What you need to do -> Wherever the listing has a line with the string "blocks", copy that line out.

---------- The data ----------

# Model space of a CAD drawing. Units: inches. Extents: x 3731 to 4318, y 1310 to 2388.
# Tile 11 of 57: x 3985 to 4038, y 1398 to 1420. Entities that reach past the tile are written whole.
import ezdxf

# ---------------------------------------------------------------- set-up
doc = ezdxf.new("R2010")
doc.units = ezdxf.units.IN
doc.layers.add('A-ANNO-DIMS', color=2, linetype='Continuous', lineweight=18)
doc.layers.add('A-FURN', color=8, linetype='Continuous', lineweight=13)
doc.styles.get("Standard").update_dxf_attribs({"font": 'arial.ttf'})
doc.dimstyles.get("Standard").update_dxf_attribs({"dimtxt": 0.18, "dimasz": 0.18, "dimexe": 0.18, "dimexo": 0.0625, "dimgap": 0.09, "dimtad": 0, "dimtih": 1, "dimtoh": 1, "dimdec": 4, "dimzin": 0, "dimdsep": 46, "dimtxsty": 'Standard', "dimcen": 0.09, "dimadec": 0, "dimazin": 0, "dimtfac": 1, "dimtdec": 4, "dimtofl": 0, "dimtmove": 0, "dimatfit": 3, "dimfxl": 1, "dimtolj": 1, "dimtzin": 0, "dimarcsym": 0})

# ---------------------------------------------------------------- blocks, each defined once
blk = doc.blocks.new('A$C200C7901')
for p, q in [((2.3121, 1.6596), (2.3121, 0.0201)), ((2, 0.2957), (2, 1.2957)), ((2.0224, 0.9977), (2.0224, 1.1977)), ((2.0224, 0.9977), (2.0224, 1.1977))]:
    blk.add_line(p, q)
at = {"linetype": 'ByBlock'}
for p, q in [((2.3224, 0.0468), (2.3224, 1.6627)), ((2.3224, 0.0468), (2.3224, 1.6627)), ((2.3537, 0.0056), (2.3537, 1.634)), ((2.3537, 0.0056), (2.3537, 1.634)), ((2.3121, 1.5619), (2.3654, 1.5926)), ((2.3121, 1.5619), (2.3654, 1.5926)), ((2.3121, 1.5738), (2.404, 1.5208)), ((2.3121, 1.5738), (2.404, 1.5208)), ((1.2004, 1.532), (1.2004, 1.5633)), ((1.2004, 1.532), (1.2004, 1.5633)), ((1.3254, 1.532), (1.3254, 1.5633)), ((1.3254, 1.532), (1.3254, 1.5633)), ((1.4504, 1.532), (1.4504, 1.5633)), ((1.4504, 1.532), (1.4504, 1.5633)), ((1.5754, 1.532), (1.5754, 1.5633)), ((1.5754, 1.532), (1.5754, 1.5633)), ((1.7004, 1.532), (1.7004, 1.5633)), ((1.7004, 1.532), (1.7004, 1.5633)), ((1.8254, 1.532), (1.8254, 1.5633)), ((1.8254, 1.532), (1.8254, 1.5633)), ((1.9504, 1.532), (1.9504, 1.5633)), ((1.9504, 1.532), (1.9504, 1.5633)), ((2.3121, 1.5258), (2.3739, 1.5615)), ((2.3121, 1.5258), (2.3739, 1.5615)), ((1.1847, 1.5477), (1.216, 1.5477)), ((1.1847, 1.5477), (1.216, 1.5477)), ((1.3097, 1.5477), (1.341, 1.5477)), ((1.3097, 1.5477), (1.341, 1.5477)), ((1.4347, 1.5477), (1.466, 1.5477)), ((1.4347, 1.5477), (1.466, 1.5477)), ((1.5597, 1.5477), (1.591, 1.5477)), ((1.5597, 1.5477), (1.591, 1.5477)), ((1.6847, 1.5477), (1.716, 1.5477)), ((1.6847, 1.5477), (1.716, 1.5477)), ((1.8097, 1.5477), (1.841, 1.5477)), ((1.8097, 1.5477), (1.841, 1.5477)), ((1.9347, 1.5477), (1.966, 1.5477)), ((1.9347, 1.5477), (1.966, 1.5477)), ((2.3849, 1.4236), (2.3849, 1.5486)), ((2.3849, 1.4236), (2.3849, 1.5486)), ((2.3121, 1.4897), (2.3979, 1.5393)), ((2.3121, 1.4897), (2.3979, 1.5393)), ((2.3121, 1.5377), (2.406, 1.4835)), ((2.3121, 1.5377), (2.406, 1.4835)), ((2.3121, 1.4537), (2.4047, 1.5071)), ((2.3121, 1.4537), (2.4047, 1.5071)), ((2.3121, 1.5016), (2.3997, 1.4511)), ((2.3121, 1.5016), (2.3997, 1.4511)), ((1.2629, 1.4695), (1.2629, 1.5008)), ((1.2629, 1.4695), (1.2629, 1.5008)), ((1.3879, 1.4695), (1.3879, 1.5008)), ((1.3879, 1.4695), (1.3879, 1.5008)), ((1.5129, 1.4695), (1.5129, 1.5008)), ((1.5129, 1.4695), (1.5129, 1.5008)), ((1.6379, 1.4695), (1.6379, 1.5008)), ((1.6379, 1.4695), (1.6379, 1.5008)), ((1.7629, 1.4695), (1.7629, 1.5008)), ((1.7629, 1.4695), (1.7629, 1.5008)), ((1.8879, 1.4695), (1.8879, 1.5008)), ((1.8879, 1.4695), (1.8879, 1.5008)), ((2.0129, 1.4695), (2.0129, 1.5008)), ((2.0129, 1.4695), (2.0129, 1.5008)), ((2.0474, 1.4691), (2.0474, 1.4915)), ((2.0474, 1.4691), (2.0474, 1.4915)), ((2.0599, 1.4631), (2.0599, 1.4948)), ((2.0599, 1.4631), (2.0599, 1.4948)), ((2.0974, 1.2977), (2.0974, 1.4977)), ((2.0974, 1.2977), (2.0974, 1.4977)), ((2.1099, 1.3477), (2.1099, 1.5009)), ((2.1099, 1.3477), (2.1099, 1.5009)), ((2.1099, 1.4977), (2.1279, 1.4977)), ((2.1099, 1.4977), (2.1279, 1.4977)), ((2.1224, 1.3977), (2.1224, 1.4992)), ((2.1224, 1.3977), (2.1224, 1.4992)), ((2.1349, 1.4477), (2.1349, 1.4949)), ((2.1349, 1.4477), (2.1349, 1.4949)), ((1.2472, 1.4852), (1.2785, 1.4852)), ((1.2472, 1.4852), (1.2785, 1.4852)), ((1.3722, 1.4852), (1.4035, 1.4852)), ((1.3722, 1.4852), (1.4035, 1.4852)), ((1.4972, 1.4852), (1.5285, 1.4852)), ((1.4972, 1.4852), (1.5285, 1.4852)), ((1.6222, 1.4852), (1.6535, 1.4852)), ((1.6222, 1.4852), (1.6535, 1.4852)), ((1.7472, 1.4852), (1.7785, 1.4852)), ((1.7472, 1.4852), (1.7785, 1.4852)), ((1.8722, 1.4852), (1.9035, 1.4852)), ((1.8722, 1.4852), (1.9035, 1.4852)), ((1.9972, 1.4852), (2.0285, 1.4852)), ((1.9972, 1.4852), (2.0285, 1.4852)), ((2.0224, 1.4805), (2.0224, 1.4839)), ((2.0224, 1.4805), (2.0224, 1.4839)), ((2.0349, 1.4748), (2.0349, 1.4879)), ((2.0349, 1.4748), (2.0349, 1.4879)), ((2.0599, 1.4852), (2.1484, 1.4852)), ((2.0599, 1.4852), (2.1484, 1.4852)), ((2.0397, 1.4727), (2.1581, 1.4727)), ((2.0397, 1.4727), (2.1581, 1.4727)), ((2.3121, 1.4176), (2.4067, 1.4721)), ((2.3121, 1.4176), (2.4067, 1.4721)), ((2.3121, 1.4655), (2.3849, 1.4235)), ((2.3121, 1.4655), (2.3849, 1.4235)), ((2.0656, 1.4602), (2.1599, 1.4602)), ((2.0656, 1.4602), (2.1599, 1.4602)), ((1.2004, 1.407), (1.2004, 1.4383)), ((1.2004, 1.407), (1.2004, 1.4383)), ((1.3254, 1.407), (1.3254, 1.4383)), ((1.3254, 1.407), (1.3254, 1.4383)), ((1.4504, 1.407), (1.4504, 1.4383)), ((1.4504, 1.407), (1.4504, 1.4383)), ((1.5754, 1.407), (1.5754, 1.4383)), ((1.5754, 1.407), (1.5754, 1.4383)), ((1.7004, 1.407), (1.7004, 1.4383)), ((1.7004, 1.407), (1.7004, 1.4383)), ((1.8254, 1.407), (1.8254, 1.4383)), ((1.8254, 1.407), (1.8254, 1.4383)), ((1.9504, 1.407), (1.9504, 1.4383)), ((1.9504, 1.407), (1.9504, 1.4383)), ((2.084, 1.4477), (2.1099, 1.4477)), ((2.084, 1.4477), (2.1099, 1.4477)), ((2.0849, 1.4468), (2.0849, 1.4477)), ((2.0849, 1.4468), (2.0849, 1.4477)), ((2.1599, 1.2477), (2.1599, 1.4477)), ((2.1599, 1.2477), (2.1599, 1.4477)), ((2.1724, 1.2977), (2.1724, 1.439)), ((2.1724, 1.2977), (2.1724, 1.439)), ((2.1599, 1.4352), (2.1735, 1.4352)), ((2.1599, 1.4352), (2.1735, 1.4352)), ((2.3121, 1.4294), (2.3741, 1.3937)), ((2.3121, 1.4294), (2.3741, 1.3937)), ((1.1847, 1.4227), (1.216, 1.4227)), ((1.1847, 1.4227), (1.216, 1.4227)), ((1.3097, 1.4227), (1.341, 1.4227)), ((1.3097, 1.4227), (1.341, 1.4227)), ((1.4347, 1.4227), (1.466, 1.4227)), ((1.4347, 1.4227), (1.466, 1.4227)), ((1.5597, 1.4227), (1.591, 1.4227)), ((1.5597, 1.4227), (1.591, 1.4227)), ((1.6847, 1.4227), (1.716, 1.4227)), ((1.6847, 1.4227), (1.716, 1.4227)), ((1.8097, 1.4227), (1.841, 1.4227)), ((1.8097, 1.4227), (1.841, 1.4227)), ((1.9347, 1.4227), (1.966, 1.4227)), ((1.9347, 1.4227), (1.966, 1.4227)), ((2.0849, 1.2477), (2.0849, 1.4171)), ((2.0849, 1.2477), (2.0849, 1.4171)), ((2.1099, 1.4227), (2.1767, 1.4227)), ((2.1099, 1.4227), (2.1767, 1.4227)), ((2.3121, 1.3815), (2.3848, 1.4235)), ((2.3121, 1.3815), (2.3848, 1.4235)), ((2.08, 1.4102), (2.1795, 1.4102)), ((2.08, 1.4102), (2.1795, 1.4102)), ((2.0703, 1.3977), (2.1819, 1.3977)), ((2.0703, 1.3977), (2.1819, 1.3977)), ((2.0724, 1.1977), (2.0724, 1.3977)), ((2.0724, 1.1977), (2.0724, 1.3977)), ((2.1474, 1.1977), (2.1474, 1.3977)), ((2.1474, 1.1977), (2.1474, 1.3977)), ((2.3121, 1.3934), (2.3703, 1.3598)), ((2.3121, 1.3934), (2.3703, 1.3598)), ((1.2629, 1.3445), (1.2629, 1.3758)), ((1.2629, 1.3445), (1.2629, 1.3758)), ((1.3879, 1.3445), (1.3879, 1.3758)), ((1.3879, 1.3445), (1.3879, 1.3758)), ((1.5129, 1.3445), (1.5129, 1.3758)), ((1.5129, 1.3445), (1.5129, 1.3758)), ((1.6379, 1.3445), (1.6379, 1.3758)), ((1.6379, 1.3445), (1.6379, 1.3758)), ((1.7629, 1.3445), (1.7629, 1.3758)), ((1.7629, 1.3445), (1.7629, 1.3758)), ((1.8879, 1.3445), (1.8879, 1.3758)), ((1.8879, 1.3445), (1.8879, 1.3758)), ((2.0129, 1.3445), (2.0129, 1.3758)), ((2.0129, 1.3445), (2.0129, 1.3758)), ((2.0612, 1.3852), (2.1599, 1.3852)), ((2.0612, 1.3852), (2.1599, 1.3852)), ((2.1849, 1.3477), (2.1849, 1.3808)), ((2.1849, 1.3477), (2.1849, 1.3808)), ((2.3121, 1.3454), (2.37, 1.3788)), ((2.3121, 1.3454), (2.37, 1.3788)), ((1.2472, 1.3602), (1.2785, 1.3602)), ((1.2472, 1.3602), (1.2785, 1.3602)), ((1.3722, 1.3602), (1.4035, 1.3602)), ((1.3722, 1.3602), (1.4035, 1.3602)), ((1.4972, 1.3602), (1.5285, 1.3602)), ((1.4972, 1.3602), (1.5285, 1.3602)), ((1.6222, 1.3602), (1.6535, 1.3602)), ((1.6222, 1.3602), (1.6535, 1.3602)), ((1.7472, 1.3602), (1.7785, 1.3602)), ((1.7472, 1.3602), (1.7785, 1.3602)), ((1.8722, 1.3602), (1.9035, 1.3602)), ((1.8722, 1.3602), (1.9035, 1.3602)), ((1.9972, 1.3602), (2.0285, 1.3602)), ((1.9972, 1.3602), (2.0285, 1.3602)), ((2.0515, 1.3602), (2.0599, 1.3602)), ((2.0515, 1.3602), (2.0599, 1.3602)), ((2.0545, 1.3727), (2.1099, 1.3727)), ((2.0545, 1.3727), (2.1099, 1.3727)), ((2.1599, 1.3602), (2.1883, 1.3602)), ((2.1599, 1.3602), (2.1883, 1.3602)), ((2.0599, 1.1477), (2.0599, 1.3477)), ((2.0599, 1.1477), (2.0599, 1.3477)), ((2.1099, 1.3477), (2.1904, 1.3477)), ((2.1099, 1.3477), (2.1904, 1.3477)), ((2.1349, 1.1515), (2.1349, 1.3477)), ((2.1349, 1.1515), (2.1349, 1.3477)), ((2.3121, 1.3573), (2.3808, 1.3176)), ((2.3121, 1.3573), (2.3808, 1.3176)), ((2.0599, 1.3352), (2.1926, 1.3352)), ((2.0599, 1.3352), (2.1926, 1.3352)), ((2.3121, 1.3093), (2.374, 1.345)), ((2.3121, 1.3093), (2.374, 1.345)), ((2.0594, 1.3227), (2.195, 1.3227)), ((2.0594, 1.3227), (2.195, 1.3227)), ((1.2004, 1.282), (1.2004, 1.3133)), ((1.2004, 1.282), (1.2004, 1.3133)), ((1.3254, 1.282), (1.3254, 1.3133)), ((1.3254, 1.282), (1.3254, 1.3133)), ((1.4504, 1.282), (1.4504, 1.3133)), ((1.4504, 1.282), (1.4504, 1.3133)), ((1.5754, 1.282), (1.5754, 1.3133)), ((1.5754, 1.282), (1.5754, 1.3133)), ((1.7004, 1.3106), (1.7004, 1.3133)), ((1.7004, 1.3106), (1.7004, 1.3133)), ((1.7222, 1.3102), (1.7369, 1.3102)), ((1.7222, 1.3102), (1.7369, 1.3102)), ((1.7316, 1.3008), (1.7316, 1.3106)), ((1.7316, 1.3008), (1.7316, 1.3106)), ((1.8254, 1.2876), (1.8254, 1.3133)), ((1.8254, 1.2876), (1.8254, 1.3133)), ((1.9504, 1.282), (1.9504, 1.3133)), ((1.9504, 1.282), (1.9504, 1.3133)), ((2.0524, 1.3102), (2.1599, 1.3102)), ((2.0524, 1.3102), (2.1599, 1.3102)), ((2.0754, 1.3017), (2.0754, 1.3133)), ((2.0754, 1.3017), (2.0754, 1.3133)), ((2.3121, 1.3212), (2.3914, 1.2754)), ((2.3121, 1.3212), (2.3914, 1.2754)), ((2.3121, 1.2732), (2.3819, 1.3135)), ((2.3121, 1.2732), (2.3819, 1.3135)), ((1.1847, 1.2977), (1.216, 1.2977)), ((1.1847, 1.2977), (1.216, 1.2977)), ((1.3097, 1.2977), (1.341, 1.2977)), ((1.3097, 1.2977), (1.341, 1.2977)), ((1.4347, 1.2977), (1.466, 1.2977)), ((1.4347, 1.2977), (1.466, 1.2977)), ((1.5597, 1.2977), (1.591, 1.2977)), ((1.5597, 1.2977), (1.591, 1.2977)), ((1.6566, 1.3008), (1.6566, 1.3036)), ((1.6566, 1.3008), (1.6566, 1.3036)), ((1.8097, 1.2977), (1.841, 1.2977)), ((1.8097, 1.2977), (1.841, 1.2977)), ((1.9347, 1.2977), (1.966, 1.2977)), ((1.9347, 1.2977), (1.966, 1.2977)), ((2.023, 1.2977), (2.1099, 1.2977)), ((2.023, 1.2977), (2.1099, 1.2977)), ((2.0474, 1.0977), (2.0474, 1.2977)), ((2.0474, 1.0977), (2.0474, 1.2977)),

----------

Result of the task ->
# ---------------------------------------------------------------- blocks, each defined once
blk = doc.blocks.new('A$C200C7901')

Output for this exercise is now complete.